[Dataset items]
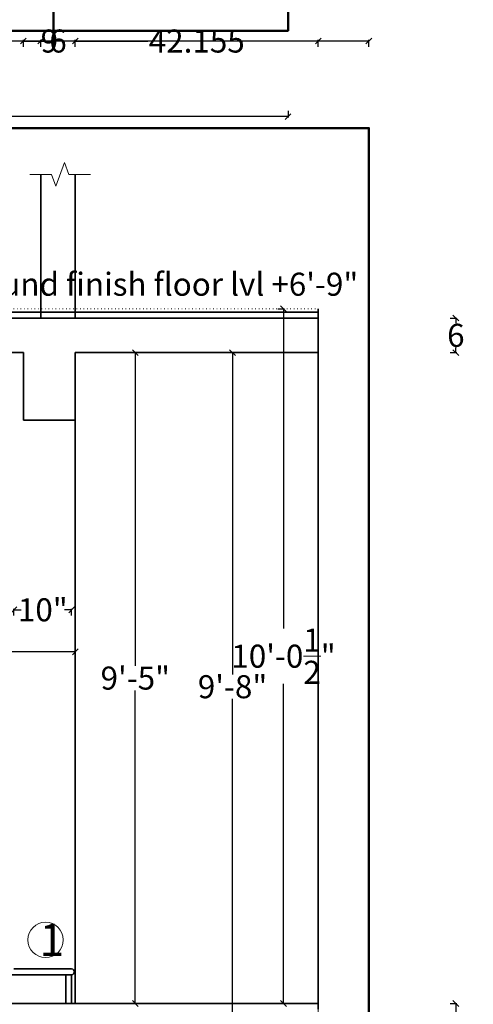
# Model space of a CAD drawing. Units: inches. Extents: x -60 to 284, y -245 to 257.
# Tile 5 of 10: x 193 to 272, y -159 to 12. Entities that reach past the tile are written whole.
import ezdxf

# ---------------------------------------------------------------- set-up
doc = ezdxf.new("R2010")
doc.units = ezdxf.units.IN
doc.header["$LTSCALE"] = 0.8
doc.header["$MEASUREMENT"] = 0
doc.linetypes.add('DOT', pattern=[6.35, 0, -6.35])
for name, color, linetype, lineweight in [('A-ANNO-DIMS', 2, 'Continuous', 18), ('A-ANNO-SYMB', 3, 'Continuous', 18), ('A-ANNO-TEXT', 3, 'Continuous', 18), ('A-ANNO-TTLB', 7, 'Continuous', 50), ('A-SECT', 7, 'Continuous', 35), ('A-SECT-OVHD', 8, 'DOT', 18), ('A-WALL', 7, 'Continuous', 50)]:
    doc.layers.add(name, color=color, linetype=linetype, lineweight=lineweight)
doc.styles.get("Standard").update_dxf_attribs({"font": 'arial.ttf'})
doc.dimstyles.get("Standard").update_dxf_attribs({"dimtxt": 4, "dimasz": 1, "dimexe": 0.18, "dimexo": 0.0625, "dimgap": 0.09, "dimtad": 0, "dimtih": 1, "dimtoh": 1, "dimzin": 0, "dimdsep": 46, "dimlunit": 4, "dimtxsty": 'Standard', "dimblk": 'OBLIQUE', "dimcen": 0.09, "dimadec": 0, "dimazin": 0, "dimtfac": 1, "dimtofl": 0, "dimtmove": 0, "dimatfit": 3, "dimfxl": 1, "dimfxlon": 1, "dimtolj": 1, "dimtzin": 0, "dimarcsym": 0})

# ---------------------------------------------------------------- blocks, each defined once
blk = doc.blocks.new('_Oblique')
at = {"color": 0, "linetype": 'ByBlock', "lineweight": -2}
blk.add_line((-0.5, -0.5), (0.5, 0.5), dxfattribs=at)
blk = doc.blocks.new('*D41')
at = {"layer": 'A-ANNO-DIMS', "color": 0, "lineweight": -2, "ltscale": 0.8, "transparency": 16777216}
for p, q in [((192.1, -91.86), (192.1, -90.68)), ((192.1, -90.86), (193.35, -90.86)), ((202.1, -90.86), (200.85, -90.86)), ((202.1, -91.86), (202.1, -90.68))]:
    blk.add_line(p, q, dxfattribs=at)
at = {"layer": 'Defpoints', "color": 0, "ltscale": 0.8, "transparency": 16777216}
for p in [(192.1, -90.86), (192.1, -168.75), (202.1, -168.75)]:
    blk.add_point(p, dxfattribs=at)
at = {"layer": 'A-ANNO-DIMS', "color": 0, "lineweight": -2, "ltscale": 0.8, "transparency": 16777216, "rotation": 180}
blk.add_blockref('_Oblique', (192.1, -90.86), dxfattribs=at)
at = {"layer": 'A-ANNO-DIMS', "color": 0, "lineweight": -2, "ltscale": 0.8, "transparency": 16777216}
blk.add_blockref('_Oblique', (202.1, -90.86), dxfattribs=at)
at = {"layer": 'A-ANNO-DIMS', "color": 0, "ltscale": 0.8, "transparency": 16777216, "insert": (197.1, -90.86), "char_height": 4, "attachment_point": 5}
blk.add_mtext('\\A1;10"', dxfattribs=at)
blk = doc.blocks.new('*D68')
at = {"layer": 'A-ANNO-DIMS', "color": 0, "lineweight": -2, "ltscale": 0.8, "transparency": 16777216}
for p, q in [((67.01, -97.15), (67.01, -98.33)), ((202.74, -97.15), (202.74, -98.33)), ((67.01, -98.15), (126.59, -98.15)), ((202.74, -98.15), (143.17, -98.15))]:
    blk.add_line(p, q, dxfattribs=at)
at = {"layer": 'Defpoints', "color": 0, "ltscale": 0.8, "transparency": 16777216}
for p in [(67.01, -93.21), (202.74, -93.21), (202.74, -98.15)]:
    blk.add_point(p, dxfattribs=at)
at = {"layer": 'A-ANNO-DIMS', "color": 0, "lineweight": -2, "ltscale": 0.8, "transparency": 16777216, "rotation": 180}
blk.add_blockref('_Oblique', (67.01, -98.15), dxfattribs=at)
at = {"layer": 'A-ANNO-DIMS', "color": 0, "lineweight": -2, "ltscale": 0.8, "transparency": 16777216}
blk.add_blockref('_Oblique', (202.74, -98.15), dxfattribs=at)
at = {"layer": 'A-ANNO-DIMS', "color": 0, "ltscale": 0.8, "transparency": 16777216, "insert": (134.88, -98.15), "char_height": 4, "attachment_point": 5}
blk.add_mtext('\\A1;11\'-3{\\H1x;\\S3/4;}"', dxfattribs=at)
blk = doc.blocks.new('*D69')
at = {"layer": 'A-ANNO-DIMS', "color": 0, "lineweight": -2, "ltscale": 0.8, "transparency": 16777216}
for p, q in [((212.15, -46.21), (213.33, -46.21)), ((213.15, -46.21), (213.15, -100.58)), ((213.15, -159.21), (213.15, -104.84)), ((212.15, -159.21), (213.33, -159.21))]:
    blk.add_line(p, q, dxfattribs=at)
at = {"layer": 'Defpoints', "color": 0, "ltscale": 0.8, "transparency": 16777216}
for p in [(212.05, -46.21), (213.15, -46.21), (212.05, -159.21)]:
    blk.add_point(p, dxfattribs=at)
at = {"layer": 'A-ANNO-DIMS', "color": 0, "lineweight": -2, "ltscale": 0.8, "transparency": 16777216}
for p, rotation in [((213.15, -46.21), 90), ((213.15, -159.21), 270)]:
    blk.add_blockref('_Oblique', p, dxfattribs=dict(at, rotation=rotation))
at = {"layer": 'A-ANNO-DIMS', "color": 0, "ltscale": 0.8, "transparency": 16777216, "insert": (213.15, -102.71), "char_height": 4, "attachment_point": 5}
blk.add_mtext('\\A1;9\'-5"', dxfattribs=at)
blk = doc.blocks.new('*D70')
at = {"layer": 'A-ANNO-DIMS', "color": 0, "lineweight": -2, "ltscale": 0.8, "transparency": 16777216}
for p, q in [((229.03, -46.21), (230.21, -46.21)), ((230.03, -46.21), (230.03, -102.08)), ((230.03, -162.21), (230.03, -106.34)), ((229.03, -162.21), (230.21, -162.21))]:
    blk.add_line(p, q, dxfattribs=at)
at = {"layer": 'Defpoints', "color": 0, "ltscale": 0.8, "transparency": 16777216}
for p in [(227.81, -46.21), (230.03, -46.21), (219.24, -162.21)]:
    blk.add_point(p, dxfattribs=at)
at = {"layer": 'A-ANNO-DIMS', "color": 0, "lineweight": -2, "ltscale": 0.8, "transparency": 16777216}
for p, rotation in [((230.03, -46.21), 90), ((230.03, -162.21), 270)]:
    blk.add_blockref('_Oblique', p, dxfattribs=dict(at, rotation=rotation))
at = {"layer": 'A-ANNO-DIMS', "color": 0, "ltscale": 0.8, "transparency": 16777216, "insert": (230.03, -104.21), "char_height": 4, "attachment_point": 5}
blk.add_mtext('\\A1;9\'-8"', dxfattribs=at)
blk = doc.blocks.new('*D71')
at = {"layer": 'A-ANNO-DIMS', "color": 0, "lineweight": -2, "ltscale": 0.8, "transparency": 16777216}
for p, q in [((237.88, -38.61), (239.06, -38.61)), ((238.88, -38.61), (238.88, -94.1)), ((238.88, -159.21), (238.88, -103.72)), ((237.88, -159.21), (239.06, -159.21))]:
    blk.add_line(p, q, dxfattribs=at)
at = {"layer": 'Defpoints', "color": 0, "ltscale": 0.8, "transparency": 16777216}
for p in [(235.46, -38.61), (238.88, -38.61), (235.46, -159.21)]:
    blk.add_point(p, dxfattribs=at)
at = {"layer": 'A-ANNO-DIMS', "color": 0, "lineweight": -2, "ltscale": 0.8, "transparency": 16777216}
for p, rotation in [((238.88, -38.61), 90), ((238.88, -159.21), 270)]:
    blk.add_blockref('_Oblique', p, dxfattribs=dict(at, rotation=rotation))
at = {"layer": 'A-ANNO-DIMS', "color": 0, "ltscale": 0.8, "transparency": 16777216, "insert": (238.88, -98.91), "char_height": 4, "attachment_point": 5}
blk.add_mtext('\\A1;10\'-0{\\H1x;\\S1/2;}"', dxfattribs=at)
blk = doc.blocks.new('*D89')
at = {"layer": 'A-ANNO-DIMS', "color": 0, "lineweight": -2, "ltscale": 0.8, "transparency": 16777216}
for p, q in [((0.09, -4.23), (0.09, -5.41)), ((239.66, -4.23), (239.66, -5.41)), ((0.09, -5.23), (113, -5.23)), ((239.66, -5.23), (126.75, -5.23))]:
    blk.add_line(p, q, dxfattribs=at)
at = {"layer": 'Defpoints', "color": 0, "ltscale": 0.8, "transparency": 16777216}
for p in [(0.09, 9.67), (239.66, 9.67), (239.66, -5.23)]:
    blk.add_point(p, dxfattribs=at)
at = {"layer": 'A-ANNO-DIMS', "color": 0, "lineweight": -2, "ltscale": 0.8, "transparency": 16777216, "rotation": 180}
blk.add_blockref('_Oblique', (0.09, -5.23), dxfattribs=at)
at = {"layer": 'A-ANNO-DIMS', "color": 0, "lineweight": -2, "ltscale": 0.8, "transparency": 16777216}
blk.add_blockref('_Oblique', (239.66, -5.23), dxfattribs=at)
at = {"layer": 'A-ANNO-DIMS', "color": 0, "ltscale": 0.8, "transparency": 16777216, "insert": (119.88, -5.23), "char_height": 4, "attachment_point": 5}
blk.add_mtext('\\A1;239.6', dxfattribs=at)
blk = doc.blocks.new('*D105')
at = {"layer": 'A-ANNO-DIMS', "color": 0, "lineweight": -2, "ltscale": 0.8, "transparency": 16777216}
for p, q in [((67.01, -241.38), (67.01, -242.56)), ((67.01, -242.38), (149.3, -242.38)), ((244.9, -242.38), (162.61, -242.38)), ((244.9, -241.38), (244.9, -242.56))]:
    blk.add_line(p, q, dxfattribs=at)
at = {"layer": 'Defpoints', "color": 0, "ltscale": 0.8, "transparency": 16777216}
for p in [(67.01, -159.21), (244.9, -171.21), (244.9, -242.38)]:
    blk.add_point(p, dxfattribs=at)
at = {"layer": 'A-ANNO-DIMS', "color": 0, "lineweight": -2, "ltscale": 0.8, "transparency": 16777216, "rotation": 180}
blk.add_blockref('_Oblique', (67.01, -242.38), dxfattribs=at)
at = {"layer": 'A-ANNO-DIMS', "color": 0, "lineweight": -2, "ltscale": 0.8, "transparency": 16777216}
blk.add_blockref('_Oblique', (244.9, -242.38), dxfattribs=at)
at = {"layer": 'A-ANNO-DIMS', "color": 0, "ltscale": 0.8, "transparency": 16777216, "insert": (155.96, -242.38), "char_height": 4, "attachment_point": 5}
blk.add_mtext('\\A1;177.9', dxfattribs=at)
blk = doc.blocks.new('*D107')
at = {"layer": 'A-ANNO-DIMS', "color": 0, "lineweight": -2, "ltscale": 0.8, "transparency": 16777216}
for p, q in [((267.79, -40.21), (268.97, -40.21)), ((268.79, -40.21), (268.79, -41.08)), ((268.79, -46.21), (268.79, -45.34)), ((267.79, -46.21), (268.97, -46.21))]:
    blk.add_line(p, q, dxfattribs=at)
at = {"layer": 'Defpoints', "color": 0, "ltscale": 0.8, "transparency": 16777216}
for p in [(244.9, -40.21), (244.9, -46.21), (268.79, -46.21)]:
    blk.add_point(p, dxfattribs=at)
at = {"layer": 'A-ANNO-DIMS', "color": 0, "lineweight": -2, "ltscale": 0.8, "transparency": 16777216}
for p, rotation in [((268.79, -40.21), 90), ((268.79, -46.21), 270)]:
    blk.add_blockref('_Oblique', p, dxfattribs=dict(at, rotation=rotation))
at = {"layer": 'A-ANNO-DIMS', "color": 0, "ltscale": 0.8, "transparency": 16777216, "insert": (268.79, -43.21), "char_height": 4, "attachment_point": 5}
blk.add_mtext('\\A1;6', dxfattribs=at)
blk = doc.blocks.new('*D108')
at = {"layer": 'A-ANNO-DIMS', "color": 0, "lineweight": -2, "ltscale": 0.8, "transparency": 16777216}
for p, q in [((267.79, -159.21), (268.97, -159.21)), ((268.79, -159.21), (268.79, -163.11)), ((268.79, -171.21), (268.79, -167.31)), ((267.79, -171.21), (268.97, -171.21))]:
    blk.add_line(p, q, dxfattribs=at)
at = {"layer": 'Defpoints', "color": 0, "ltscale": 0.8, "transparency": 16777216}
for p in [(244.9, -159.21), (244.9, -171.21), (268.79, -171.21)]:
    blk.add_point(p, dxfattribs=at)
at = {"layer": 'A-ANNO-DIMS', "color": 0, "lineweight": -2, "ltscale": 0.8, "transparency": 16777216}
for p, rotation in [((268.79, -159.21), 90), ((268.79, -171.21), 270)]:
    blk.add_blockref('_Oblique', p, dxfattribs=dict(at, rotation=rotation))
at = {"layer": 'A-ANNO-DIMS', "color": 0, "ltscale": 0.8, "transparency": 16777216, "insert": (268.79, -165.21), "char_height": 4, "attachment_point": 5}
blk.add_mtext('\\A1;12', dxfattribs=at)
blk = doc.blocks.new('*D109')
at = {"layer": 'A-ANNO-DIMS', "color": 0, "lineweight": -2, "ltscale": 0.8, "transparency": 16777216}
for p, q in [((196.74, 6.88), (196.74, 8.06)), ((196.74, 7.88), (198.33, 7.88)), ((202.74, 7.88), (201.15, 7.88)), ((202.74, 6.88), (202.74, 8.06))]:
    blk.add_line(p, q, dxfattribs=at)
at = {"layer": 'Defpoints', "color": 0, "ltscale": 0.8, "transparency": 16777216}
for p in [(202.74, 7.88), (196.74, -15.28), (202.74, -15.28)]:
    blk.add_point(p, dxfattribs=at)
at = {"layer": 'A-ANNO-DIMS', "color": 0, "lineweight": -2, "ltscale": 0.8, "transparency": 16777216, "rotation": 180}
blk.add_blockref('_Oblique', (196.74, 7.88), dxfattribs=at)
at = {"layer": 'A-ANNO-DIMS', "color": 0, "lineweight": -2, "ltscale": 0.8, "transparency": 16777216}
blk.add_blockref('_Oblique', (202.74, 7.88), dxfattribs=at)
at = {"layer": 'A-ANNO-DIMS', "color": 0, "ltscale": 0.8, "transparency": 16777216, "insert": (199.74, 7.88), "char_height": 4, "attachment_point": 5}
blk.add_mtext('\\A1;6', dxfattribs=at)
blk = doc.blocks.new('*D110')
at = {"layer": 'A-ANNO-DIMS', "color": 0, "lineweight": -2, "ltscale": 0.8, "transparency": 16777216}
for p, q in [((193.74, 6.88), (193.74, 8.06)), ((193.74, 7.88), (196.84, 7.88)), ((202.74, 7.88), (199.65, 7.88)), ((202.74, 6.88), (202.74, 8.06))]:
    blk.add_line(p, q, dxfattribs=at)
at = {"layer": 'Defpoints', "color": 0, "ltscale": 0.8, "transparency": 16777216}
for p in [(202.74, 7.88), (193.74, -57.93), (202.74, -57.93)]:
    blk.add_point(p, dxfattribs=at)
at = {"layer": 'A-ANNO-DIMS', "color": 0, "lineweight": -2, "ltscale": 0.8, "transparency": 16777216, "rotation": 180}
blk.add_blockref('_Oblique', (193.74, 7.88), dxfattribs=at)
at = {"layer": 'A-ANNO-DIMS', "color": 0, "lineweight": -2, "ltscale": 0.8, "transparency": 16777216}
blk.add_blockref('_Oblique', (202.74, 7.88), dxfattribs=at)
at = {"layer": 'A-ANNO-DIMS', "color": 0, "ltscale": 0.8, "transparency": 16777216, "insert": (198.24, 7.88), "char_height": 4, "attachment_point": 5}
blk.add_mtext('\\A1;9', dxfattribs=at)
blk = doc.blocks.new('*D111')
at = {"layer": 'A-ANNO-DIMS', "color": 0, "lineweight": -2, "ltscale": 0.8, "transparency": 16777216}
for p, q in [((-50.85, -46.21), (-52.03, -46.21)), ((-51.85, -46.21), (-51.85, -49.97)), ((-51.85, -57.93), (-51.85, -54.17)), ((-50.85, -57.93), (-52.03, -57.93))]:
    blk.add_line(p, q, dxfattribs=at)
at = {"layer": 'Defpoints', "color": 0, "ltscale": 0.8, "transparency": 16777216}
for p in [(193.74, -46.21), (-51.85, -57.93), (193.74, -57.93)]:
    blk.add_point(p, dxfattribs=at)
at = {"layer": 'A-ANNO-DIMS', "color": 0, "lineweight": -2, "ltscale": 0.8, "transparency": 16777216}
for p, rotation in [((-51.85, -46.21), 90), ((-51.85, -57.93), 270)]:
    blk.add_blockref('_Oblique', p, dxfattribs=dict(at, rotation=rotation))
at = {"layer": 'A-ANNO-DIMS', "color": 0, "ltscale": 0.8, "transparency": 16777216, "insert": (-51.85, -52.07), "char_height": 4, "attachment_point": 5}
blk.add_mtext('\\A1;11.717', dxfattribs=at)
blk = doc.blocks.new('*D112')
at = {"layer": 'A-ANNO-DIMS', "color": 0, "lineweight": -2, "ltscale": 0.8, "transparency": 16777216}
for p, q in [((202.74, 6.88), (202.74, 8.06)), ((202.74, 7.88), (215.33, 7.88)), ((244.9, 7.88), (232.31, 7.88)), ((244.9, 6.88), (244.9, 8.06))]:
    blk.add_line(p, q, dxfattribs=at)
at = {"layer": 'Defpoints', "color": 0, "ltscale": 0.8, "transparency": 16777216}
for p in [(244.9, 7.88), (202.74, -46.21), (244.9, -46.21)]:
    blk.add_point(p, dxfattribs=at)
at = {"layer": 'A-ANNO-DIMS', "color": 0, "lineweight": -2, "ltscale": 0.8, "transparency": 16777216, "rotation": 180}
blk.add_blockref('_Oblique', (202.74, 7.88), dxfattribs=at)
at = {"layer": 'A-ANNO-DIMS', "color": 0, "lineweight": -2, "ltscale": 0.8, "transparency": 16777216}
blk.add_blockref('_Oblique', (244.9, 7.88), dxfattribs=at)
at = {"layer": 'A-ANNO-DIMS', "color": 0, "ltscale": 0.8, "transparency": 16777216, "insert": (223.82, 7.88), "char_height": 4, "attachment_point": 5}
blk.add_mtext('\\A1;42.155', dxfattribs=at)
blk = doc.blocks.new('*D114')
at = {"layer": 'A-ANNO-DIMS', "color": 0, "lineweight": -2, "ltscale": 0.8, "transparency": 16777216}
for p, q in [((-36.75, 6.88), (-36.75, 8.06)), ((-36.75, 7.88), (100.05, 7.88)), ((253.69, 7.88), (116.89, 7.88)), ((253.69, 6.88), (253.69, 8.06))]:
    blk.add_line(p, q, dxfattribs=at)
at = {"layer": 'Defpoints', "color": 0, "ltscale": 0.8, "transparency": 16777216}
for p in [(253.69, 7.88), (-36.75, -7.22), (253.69, -7.22)]:
    blk.add_point(p, dxfattribs=at)
at = {"layer": 'A-ANNO-DIMS', "color": 0, "lineweight": -2, "ltscale": 0.8, "transparency": 16777216, "rotation": 180}
blk.add_blockref('_Oblique', (-36.75, 7.88), dxfattribs=at)
at = {"layer": 'A-ANNO-DIMS', "color": 0, "lineweight": -2, "ltscale": 0.8, "transparency": 16777216}
blk.add_blockref('_Oblique', (253.69, 7.88), dxfattribs=at)
at = {"layer": 'A-ANNO-DIMS', "color": 0, "ltscale": 0.8, "transparency": 16777216, "insert": (108.47, 7.88), "char_height": 4, "attachment_point": 5}
blk.add_mtext('\\A1;290.44', dxfattribs=at)

msp = doc.modelspace()

# ---------------------------------------------------------------- linework, layer by layer
at = {"layer": 'A-ANNO-SYMB', "ltscale": 0.8}
for points in [[(205.3572, -15.2818), (201.6094, -15.2818), (200.8594, -13.2212), (199.3594, -17.3424), (198.6094, -15.2818), (194.8616, -15.2818)], [(244.8977, -159.0289), (244.8977, -162.6103), (242.8371, -163.3603), (246.9583, -164.8603), (244.8977, -165.6103), (244.8977, -173.978)]]:
    msp.add_lwpolyline(points, dxfattribs=at)
msp.add_circle((197.5773, -148.1613), 3.069, dxfattribs=at)
at = {"layer": 'A-ANNO-TTLB', "ltscale": 0.8}
for points in [[(0.0867, 122.666), (239.6639, 122.666), (239.6639, 9.666), (0.0867, 9.666)], [(-36.7489, -7.223), (253.6882, -7.223), (253.6882, -227.2835), (-36.7489, -227.2835)]]:
    msp.add_lwpolyline(points, close=True, dxfattribs=at)
at = {"layer": 'A-SECT', "ltscale": 0.8}
for p, q in [((196.7426, -40.2089), (196.7426, -15.2818)), ((202.7426, -15.2818), (202.7426, -40.2089)), ((244.8977, -159.2089), (244.8977, -38.6089)), ((161.0139, -40.2089), (244.8977, -40.2089)), ((202.7426, -40.2089), (196.7426, -40.2089)), ((193.7426, -46.2089), (187.7426, -46.2089)), ((193.7426, -57.9262), (193.7426, -46.2089)), ((202.7426, -46.2089), (202.7426, -159.2089)), ((202.7426, -46.2089), (244.8977, -46.2089)), ((202.7426, -57.9262), (193.7426, -57.9262)), ((202.1002, -153.2089), (192.1002, -153.2089)), ((202.1002, -154.2089), (191.1002, -154.2089)), ((201.1002, -159.2089), (201.1002, -154.2089)), ((202.1002, -159.2089), (202.1002, -154.2089)), ((244.8977, -159.2089), (82.0139, -159.2089)), ((244.8977, -159.2089), (244.8977, -160.2089))]:
    msp.add_line(p, q, dxfattribs=at)
msp.add_lwpolyline([(161.0139, -39.2089), (244.8977, -39.2089)], dxfattribs=at)
msp.add_arc((202.1002, -153.7089), 0.5, 270, 90, dxfattribs=at)
at = {"layer": 'A-SECT-OVHD', "ltscale": 0.1}
msp.add_lwpolyline([(161.0139, -38.6089), (244.8977, -38.6089)], dxfattribs=at)
at = {"layer": 'A-WALL'}
msp.add_lwpolyline([(198.9361, 9.666), (198.9361, 21.666), (159.9361, 21.666), (79.9361, 21.666), (37.9361, 21.666), (27.9361, 21.666), (27.9361, 9.666)], dxfattribs=at)

# ---------------------------------------------------------------- texts
at = {"layer": 'A-ANNO-TEXT', "ltscale": 0.8, "attachment_point": 1}
for s, width, gutter_width, insert, char_height in [('ground finish floor lvl +6\'-9"', 97.551324, 1, (181.3842, -32.3395), 4), ('1', 28.020867, 2.8021, (196.5451, -145.3478), 5.6042)]:
    msp.add_mtext_dynamic_manual_height_columns(s, width=width, gutter_width=gutter_width, heights=[0], dxfattribs=dict(at, insert=insert, char_height=char_height))

# ---------------------------------------------------------------- dimensions: what is measured, and where the dimension line sits
at = {"layer": 'A-ANNO-DIMS', "ltscale": 0.8}
for base, p1, p2, override, picture, middle in [((253.6882, 7.877), (-36.7489, -7.223), (253.6882, -7.223), {"dimdec": 2, "dimlfac": 1, "dimrnd": 0, "dimzin": 0, "dimdsep": 46, "dimlunit": 2}, '*D114', (108.4697, 7.877)), ((202.7426, 7.877), (193.7426, -57.9262), (202.7426, -57.9262), {"dimdec": 0, "dimlfac": 1, "dimrnd": 0, "dimzin": 0, "dimdsep": 46, "dimlunit": 2}, '*D110', (198.2426, 7.877)), ((202.7426, 7.877), (196.7426, -15.2818), (202.7426, -15.2818), {"dimdec": 0, "dimlfac": 1, "dimrnd": 0, "dimzin": 0, "dimdsep": 46, "dimlunit": 2}, '*D109', (199.7426, 7.877)), ((244.8977, 7.877), (202.7426, -46.2089), (244.8977, -46.2089), {"dimdec": 3, "dimlfac": 1, "dimrnd": 0, "dimzin": 0, "dimdsep": 46, "dimlunit": 2}, '*D112', (223.8201, 7.877)), ((239.6639, -5.234), (0.0867, 9.666), (239.6639, 9.666), {"dimdec": 1, "dimlfac": 1, "dimrnd": 0, "dimzin": 0, "dimdsep": 46, "dimlunit": 2}, '*D89', (119.8753, -5.234)), ((192.1002, -90.8616), (202.1002, -168.7549), (192.1002, -168.7549), {"dimclrd": 0, "dimclre": 0, "dimclrt": 0}, '*D41', (197.1002, -90.8616)), ((202.7426, -98.1513), (67.0139, -93.2089), (202.7426, -93.2089), {"dimclrd": 0, "dimclre": 0, "dimclrt": 0}, '*D68', (134.8782, -98.1513)), ((244.8977, -242.3835), (67.0139, -159.2089), (244.8977, -171.2089), {"dimdec": 1, "dimlfac": 1, "dimrnd": 0, "dimzin": 0, "dimdsep": 46, "dimlunit": 2}, '*D105', (155.9558, -242.3835))]:
    dim = msp.add_linear_dim(base=base, p1=p1, p2=p2, dimstyle='Standard', override=override, dxfattribs=at)
    dim.commit()
    dim.dimension.update_dxf_attribs({"geometry": picture, "text_midpoint": middle})
for base, p1, p2, override, picture, middle in [((238.8784, -38.6089), (235.4628, -159.2089), (235.4628, -38.6089), {"dimclrd": 0, "dimclre": 0, "dimclrt": 0}, '*D71', (238.8784, -98.9089)), ((268.7882, -46.2089), (244.8977, -40.2089), (244.8977, -46.2089), {"dimdec": 0, "dimlfac": 1, "dimrnd": 0, "dimzin": 0, "dimdsep": 46, "dimlunit": 2}, '*D107', (268.7882, -43.2089)), ((-51.8489, -57.9262), (193.7426, -46.2089), (193.7426, -57.9262), {"dimdec": 3, "dimlfac": 1, "dimrnd": 0, "dimzin": 0, "dimdsep": 46, "dimlunit": 2}, '*D111', (-51.8489, -52.0675)), ((213.1492, -46.2089), (212.0462, -159.2089), (212.0462, -46.2089), {"dimclrd": 0, "dimclre": 0, "dimclrt": 0}, '*D69', (213.1492, -102.7089)), ((230.0275, -46.2089), (219.2361, -162.2089), (227.8081, -46.2089), {"dimclrd": 0, "dimclre": 0, "dimclrt": 0}, '*D70', (230.0275, -104.2089)), ((268.7882, -171.2089), (244.8977, -159.2089), (244.8977, -171.2089), {"dimdec": 0, "dimlfac": 1, "dimrnd": 0, "dimzin": 0, "dimdsep": 46, "dimlunit": 2}, '*D108', (268.7882, -165.2089))]:
    dim = msp.add_linear_dim(base=base, p1=p1, p2=p2, angle=90, dimstyle='Standard', override=override, dxfattribs=at)
    dim.commit()
    dim.dimension.update_dxf_attribs({"geometry": picture, "text_midpoint": middle})

doc.saveas('drawing.dxf')

■ Task requirements:
From the records above, give again exactly the lines running from the line with "blk = doc.blocks.new('*D114')" to the line with "msp = doc.modelspace()", inclusive.

■ Worked solution:
blk = doc.blocks.new('*D114')
at = {"layer": 'A-ANNO-DIMS', "color": 0, "lineweight": -2, "ltscale": 0.8, "transparency": 16777216}
for p, q in [((-36.75, 6.88), (-36.75, 8.06)), ((-36.75, 7.88), (100.05, 7.88)), ((253.69, 7.88), (116.89, 7.88)), ((253.69, 6.88), (253.69, 8.06))]:
    blk.add_line(p, q, dxfattribs=at)
at = {"layer": 'Defpoints', "color": 0, "ltscale": 0.8, "transparency": 16777216}
for p in [(253.69, 7.88), (-36.75, -7.22), (253.69, -7.22)]:
    blk.add_point(p, dxfattribs=at)
at = {"layer": 'A-ANNO-DIMS', "color": 0, "lineweight": -2, "ltscale": 0.8, "transparency": 16777216, "rotation": 180}
blk.add_blockref('_Oblique', (-36.75, 7.88), dxfattribs=at)
at = {"layer": 'A-ANNO-DIMS', "color": 0, "lineweight": -2, "ltscale": 0.8, "transparency": 16777216}
blk.add_blockref('_Oblique', (253.69, 7.88), dxfattribs=at)
at = {"layer": 'A-ANNO-DIMS', "color": 0, "ltscale": 0.8, "transparency": 16777216, "insert": (108.47, 7.88), "char_height": 4, "attachment_point": 5}
blk.add_mtext('\\A1;290.44', dxfattribs=at)

msp = doc.modelspace()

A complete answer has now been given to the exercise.